Supplied records:
══════════
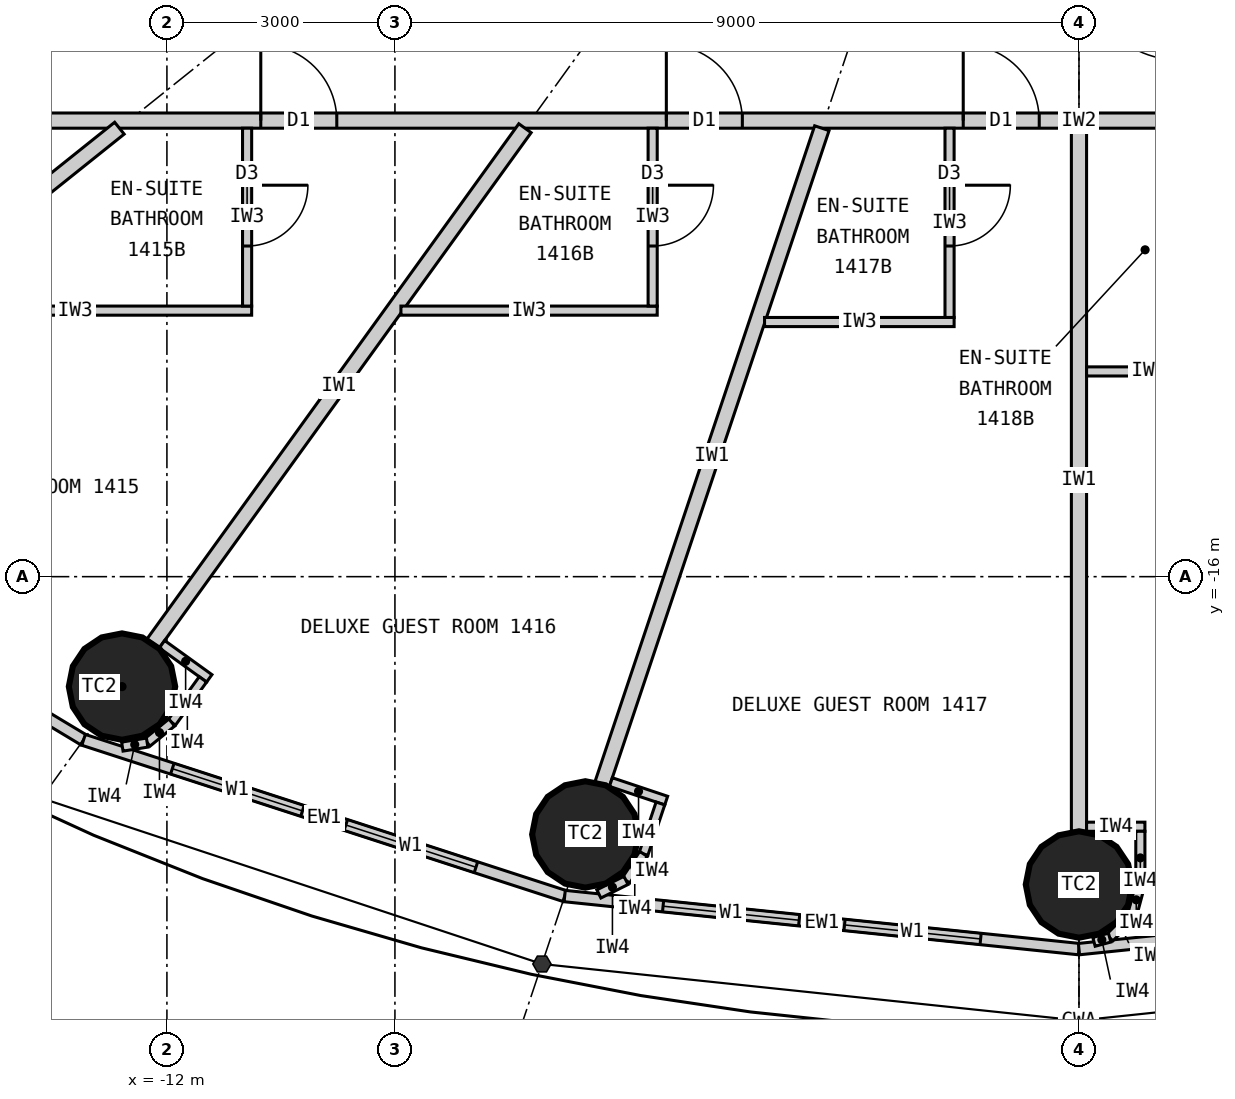
"""IFC4 building model, lengths in metres.
Left out: names, types, materials, properties, quantities, classifications, styles, units other than length and angle.
Written with IfcOpenShell. Run it as: python <this file> out.ifc"""

import sys

from ifc_helpers import new_model, si_unit, direction, frame, frame_2d, origin, origin_2d, place, context, subcontext, project, spatial, rectangle, circle, extrude, element, fill, save


model = new_model("IFC4")
c1 = context("Model", 3, precision=1e-05, world=origin(), true_north=direction((0.0, 1.0)))
c2 = subcontext(c1, "Body", "Model", "MODEL_VIEW")
j1 = project(units=[si_unit("LENGTHUNIT", "METRE"), si_unit("PLANEANGLEUNIT", "RADIAN")], contexts=[c1])
p1 = place(None, origin())
s1 = spatial("IfcSite", under=j1, at=p1, CompositionType="ELEMENT")
p2 = place(p1, origin())
s2 = spatial("IfcBuilding", under=s1, at=p2, CompositionType="ELEMENT")
p3 = place(p2, frame((0.0, 0.0, 60.6)))
s3 = spatial("IfcBuildingStorey", under=s2, at=p3, CompositionType="ELEMENT", Elevation=60.6)
for number, where, z_axis, x_axis in (
    (1, (-12.591, -17.447, 0.0), (0.0, 0.0, 1.0), (1.0, 0.0, 0.0)),
    (2, (-6.495, -19.391, 0.0), (0.0, 0.0, 1.0), (1.0, 0.0, 0.0)),
    (3, (0.0, -20.05, 0.0), (0.0, 0.0, 1.0), (1.0, 0.0, 0.0)),
):
    element("IfcColumn", number, at=place(p3, frame(where, z_axis=z_axis, x_axis=x_axis)), inside=s3, PredefinedType="COLUMN", context=c2, shape_type="SweptSolid", body=[
        extrude(circle(Radius=0.7, at=origin_2d()), origin(), (0.0, 0.0, 1.0), 3.3),
    ])
p4 = place(p3, frame((-18.57, -14.856, 0.0), z_axis=(0.0, 0.0, 1.0), x_axis=(0.856983180864, -0.515344377787, 0.0)))
e4 = element("IfcWall", 4, at=p4, inside=s3, PredefinedType="ELEMENTEDWALL", context=c2, shape_type="SweptSolid", body=[
    extrude(rectangle(XDim=6.386, YDim=0.15, at=frame_2d((3.193, 0.0))), origin(), (0.0, 0.0, 1.0), 3.12),
])
p5 = place(p4, frame((1.093, 0.0, 0.9)))
e5 = element("IfcOpeningElement", 5, at=p5, cuts=e4, PredefinedType="OPENING", context=c2, shape_type="SweptSolid", body=[
    extrude(rectangle(XDim=1.8, YDim=1.9, at=frame_2d((0.9, 0.95))), frame((0.0, 0.085, 0.0), z_axis=(0.0, -1.0, 0.0), x_axis=(1.0, 0.0, 0.0)), (0.0, 0.0, 1.0), 0.17),
])
p6 = place(p4, frame((3.493, 0.0, 0.9)))
e6 = element("IfcOpeningElement", 6, at=p6, cuts=e4, PredefinedType="OPENING", context=c2, shape_type="SweptSolid", body=[
    extrude(rectangle(XDim=1.8, YDim=1.9, at=frame_2d((0.9, 0.95))), frame((0.0, 0.085, 0.0), z_axis=(0.0, -1.0, 0.0), x_axis=(1.0, 0.0, 0.0)), (0.0, 0.0, 1.0), 0.17),
])
p7 = place(p3, frame((-13.096, -18.147, 0.0), z_axis=(0.0, 0.0, 1.0), x_axis=(0.951137534625, -0.308767534285, 0.0)))
e7 = element("IfcWall", 7, at=p7, inside=s3, PredefinedType="ELEMENTEDWALL", context=c2, shape_type="SweptSolid", body=[
    extrude(rectangle(XDim=6.655, YDim=0.15, at=frame_2d((3.328, 0.0))), origin(), (0.0, 0.0, 1.0), 3.12),
])
p8 = place(p7, frame((1.228, 0.0, 0.9)))
e8 = element("IfcOpeningElement", 8, at=p8, cuts=e7, PredefinedType="OPENING", context=c2, shape_type="SweptSolid", body=[
    extrude(rectangle(XDim=1.8, YDim=1.9, at=frame_2d((0.9, 0.95))), frame((0.0, 0.085, 0.0), z_axis=(0.0, -1.0, 0.0), x_axis=(1.0, 0.0, 0.0)), (0.0, 0.0, 1.0), 0.17),
])
p9 = place(p7, frame((3.628, 0.0, 0.9)))
e9 = element("IfcOpeningElement", 9, at=p9, cuts=e7, PredefinedType="OPENING", context=c2, shape_type="SweptSolid", body=[
    extrude(rectangle(XDim=1.8, YDim=1.9, at=frame_2d((0.9, 0.95))), frame((0.0, 0.085, 0.0), z_axis=(0.0, -1.0, 0.0), x_axis=(1.0, 0.0, 0.0)), (0.0, 0.0, 1.0), 0.17),
])
p10 = place(p3, frame((-6.766, -20.202, 0.0), z_axis=(0.0, 0.0, 1.0), x_axis=(0.994721394369, -0.102612609291, 0.0)))
e10 = element("IfcWall", 10, at=p10, inside=s3, PredefinedType="ELEMENTEDWALL", context=c2, shape_type="SweptSolid", body=[
    extrude(rectangle(XDim=6.802, YDim=0.15, at=frame_2d((3.401, 0.0))), origin(), (0.0, 0.0, 1.0), 3.12),
])
p11 = place(p10, frame((1.301, 0.0, 0.9)))
e11 = element("IfcOpeningElement", 11, at=p11, cuts=e10, PredefinedType="OPENING", context=c2, shape_type="SweptSolid", body=[
    extrude(rectangle(XDim=1.8, YDim=1.9, at=frame_2d((0.9, 0.95))), frame((0.0, 0.085, 0.0), z_axis=(0.0, -1.0, 0.0), x_axis=(1.0, 0.0, 0.0)), (0.0, 0.0, 1.0), 0.17),
])
p12 = place(p10, frame((3.701, 0.0, 0.9)))
e12 = element("IfcOpeningElement", 12, at=p12, cuts=e10, PredefinedType="OPENING", context=c2, shape_type="SweptSolid", body=[
    extrude(rectangle(XDim=1.8, YDim=1.9, at=frame_2d((0.9, 0.95))), frame((0.0, 0.085, 0.0), z_axis=(0.0, -1.0, 0.0), x_axis=(1.0, 0.0, 0.0)), (0.0, 0.0, 1.0), 0.17),
])
p13 = place(p3, frame((0.0, -20.9, 0.0), z_axis=(0.0, 0.0, 1.0), x_axis=(0.994721394369, 0.102612609291, 0.0)))
e13 = element("IfcWall", 13, at=p13, inside=s3, PredefinedType="ELEMENTEDWALL", context=c2, shape_type="SweptSolid", body=[
    extrude(rectangle(XDim=6.802, YDim=0.15, at=frame_2d((3.401, 0.0))), origin(), (0.0, 0.0, 1.0), 3.12),
])
p14 = place(p13, frame((1.301, 0.0, 0.9)))
e14 = element("IfcOpeningElement", 14, at=p14, cuts=e13, PredefinedType="OPENING", context=c2, shape_type="SweptSolid", body=[
    extrude(rectangle(XDim=1.8, YDim=1.9, at=frame_2d((0.9, 0.95))), frame((0.0, 0.085, 0.0), z_axis=(0.0, -1.0, 0.0), x_axis=(1.0, 0.0, 0.0)), (0.0, 0.0, 1.0), 0.17),
])
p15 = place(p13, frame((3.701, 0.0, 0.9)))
══════════
What this task involves: In copying the listing, reproduce each line exactly and omit the pictures.

The completed task:
"""IFC4 building model, lengths in metres.
Left out: names, types, materials, properties, quantities, classifications, styles, units other than length and angle.
Written with IfcOpenShell. Run it as: python <this file> out.ifc"""

import sys

from ifc_helpers import new_model, si_unit, direction, frame, frame_2d, origin, origin_2d, place, context, subcontext, project, spatial, rectangle, circle, extrude, element, fill, save


model = new_model("IFC4")
c1 = context("Model", 3, precision=1e-05, world=origin(), true_north=direction((0.0, 1.0)))
c2 = subcontext(c1, "Body", "Model", "MODEL_VIEW")
j1 = project(units=[si_unit("LENGTHUNIT", "METRE"), si_unit("PLANEANGLEUNIT", "RADIAN")], contexts=[c1])
p1 = place(None, origin())
s1 = spatial("IfcSite", under=j1, at=p1, CompositionType="ELEMENT")
p2 = place(p1, origin())
s2 = spatial("IfcBuilding", under=s1, at=p2, CompositionType="ELEMENT")
p3 = place(p2, frame((0.0, 0.0, 60.6)))
s3 = spatial("IfcBuildingStorey", under=s2, at=p3, CompositionType="ELEMENT", Elevation=60.6)
for number, where, z_axis, x_axis in (
    (1, (-12.591, -17.447, 0.0), (0.0, 0.0, 1.0), (1.0, 0.0, 0.0)),
    (2, (-6.495, -19.391, 0.0), (0.0, 0.0, 1.0), (1.0, 0.0, 0.0)),
    (3, (0.0, -20.05, 0.0), (0.0, 0.0, 1.0), (1.0, 0.0, 0.0)),
):
    element("IfcColumn", number, at=place(p3, frame(where, z_axis=z_axis, x_axis=x_axis)), inside=s3, PredefinedType="COLUMN", context=c2, shape_type="SweptSolid", body=[
        extrude(circle(Radius=0.7, at=origin_2d()), origin(), (0.0, 0.0, 1.0), 3.3),
    ])
p4 = place(p3, frame((-18.57, -14.856, 0.0), z_axis=(0.0, 0.0, 1.0), x_axis=(0.856983180864, -0.515344377787, 0.0)))
e4 = element("IfcWall", 4, at=p4, inside=s3, PredefinedType="ELEMENTEDWALL", context=c2, shape_type="SweptSolid", body=[
    extrude(rectangle(XDim=6.386, YDim=0.15, at=frame_2d((3.193, 0.0))), origin(), (0.0, 0.0, 1.0), 3.12),
])
p5 = place(p4, frame((1.093, 0.0, 0.9)))
e5 = element("IfcOpeningElement", 5, at=p5, cuts=e4, PredefinedType="OPENING", context=c2, shape_type="SweptSolid", body=[
    extrude(rectangle(XDim=1.8, YDim=1.9, at=frame_2d((0.9, 0.95))), frame((0.0, 0.085, 0.0), z_axis=(0.0, -1.0, 0.0), x_axis=(1.0, 0.0, 0.0)), (0.0, 0.0, 1.0), 0.17),
])
p6 = place(p4, frame((3.493, 0.0, 0.9)))
e6 = element("IfcOpeningElement", 6, at=p6, cuts=e4, PredefinedType="OPENING", context=c2, shape_type="SweptSolid", body=[
    extrude(rectangle(XDim=1.8, YDim=1.9, at=frame_2d((0.9, 0.95))), frame((0.0, 0.085, 0.0), z_axis=(0.0, -1.0, 0.0), x_axis=(1.0, 0.0, 0.0)), (0.0, 0.0, 1.0), 0.17),
])
p7 = place(p3, frame((-13.096, -18.147, 0.0), z_axis=(0.0, 0.0, 1.0), x_axis=(0.951137534625, -0.308767534285, 0.0)))
e7 = element("IfcWall", 7, at=p7, inside=s3, PredefinedType="ELEMENTEDWALL", context=c2, shape_type="SweptSolid", body=[
    extrude(rectangle(XDim=6.655, YDim=0.15, at=frame_2d((3.328, 0.0))), origin(), (0.0, 0.0, 1.0), 3.12),
])
p8 = place(p7, frame((1.228, 0.0, 0.9)))
e8 = element("IfcOpeningElement", 8, at=p8, cuts=e7, PredefinedType="OPENING", context=c2, shape_type="SweptSolid", body=[
    extrude(rectangle(XDim=1.8, YDim=1.9, at=frame_2d((0.9, 0.95))), frame((0.0, 0.085, 0.0), z_axis=(0.0, -1.0, 0.0), x_axis=(1.0, 0.0, 0.0)), (0.0, 0.0, 1.0), 0.17),
])
p9 = place(p7, frame((3.628, 0.0, 0.9)))
e9 = element("IfcOpeningElement", 9, at=p9, cuts=e7, PredefinedType="OPENING", context=c2, shape_type="SweptSolid", body=[
    extrude(rectangle(XDim=1.8, YDim=1.9, at=frame_2d((0.9, 0.95))), frame((0.0, 0.085, 0.0), z_axis=(0.0, -1.0, 0.0), x_axis=(1.0, 0.0, 0.0)), (0.0, 0.0, 1.0), 0.17),
])
p10 = place(p3, frame((-6.766, -20.202, 0.0), z_axis=(0.0, 0.0, 1.0), x_axis=(0.994721394369, -0.102612609291, 0.0)))
e10 = element("IfcWall", 10, at=p10, inside=s3, PredefinedType="ELEMENTEDWALL", context=c2, shape_type="SweptSolid", body=[
    extrude(rectangle(XDim=6.802, YDim=0.15, at=frame_2d((3.401, 0.0))), origin(), (0.0, 0.0, 1.0), 3.12),
])
p11 = place(p10, frame((1.301, 0.0, 0.9)))
e11 = element("IfcOpeningElement", 11, at=p11, cuts=e10, PredefinedType="OPENING", context=c2, shape_type="SweptSolid", body=[
    extrude(rectangle(XDim=1.8, YDim=1.9, at=frame_2d((0.9, 0.95))), frame((0.0, 0.085, 0.0), z_axis=(0.0, -1.0, 0.0), x_axis=(1.0, 0.0, 0.0)), (0.0, 0.0, 1.0), 0.17),
])
p12 = place(p10, frame((3.701, 0.0, 0.9)))
e12 = element("IfcOpeningElement", 12, at=p12, cuts=e10, PredefinedType="OPENING", context=c2, shape_type="SweptSolid", body=[
    extrude(rectangle(XDim=1.8, YDim=1.9, at=frame_2d((0.9, 0.95))), frame((0.0, 0.085, 0.0), z_axis=(0.0, -1.0, 0.0), x_axis=(1.0, 0.0, 0.0)), (0.0, 0.0, 1.0), 0.17),
])
p13 = place(p3, frame((0.0, -20.9, 0.0), z_axis=(0.0, 0.0, 1.0), x_axis=(0.994721394369, 0.102612609291, 0.0)))
e13 = element("IfcWall", 13, at=p13, inside=s3, PredefinedType="ELEMENTEDWALL", context=c2, shape_type="SweptSolid", body=[
    extrude(rectangle(XDim=6.802, YDim=0.15, at=frame_2d((3.401, 0.0))), origin(), (0.0, 0.0, 1.0), 3.12),
])
p14 = place(p13, frame((1.301, 0.0, 0.9)))
e14 = element("IfcOpeningElement", 14, at=p14, cuts=e13, PredefinedType="OPENING", context=c2, shape_type="SweptSolid", body=[
    extrude(rectangle(XDim=1.8, YDim=1.9, at=frame_2d((0.9, 0.95))), frame((0.0, 0.085, 0.0), z_axis=(0.0, -1.0, 0.0), x_axis=(1.0, 0.0, 0.0)), (0.0, 0.0, 1.0), 0.17),
])
p15 = place(p13, frame((3.701, 0.0, 0.9)))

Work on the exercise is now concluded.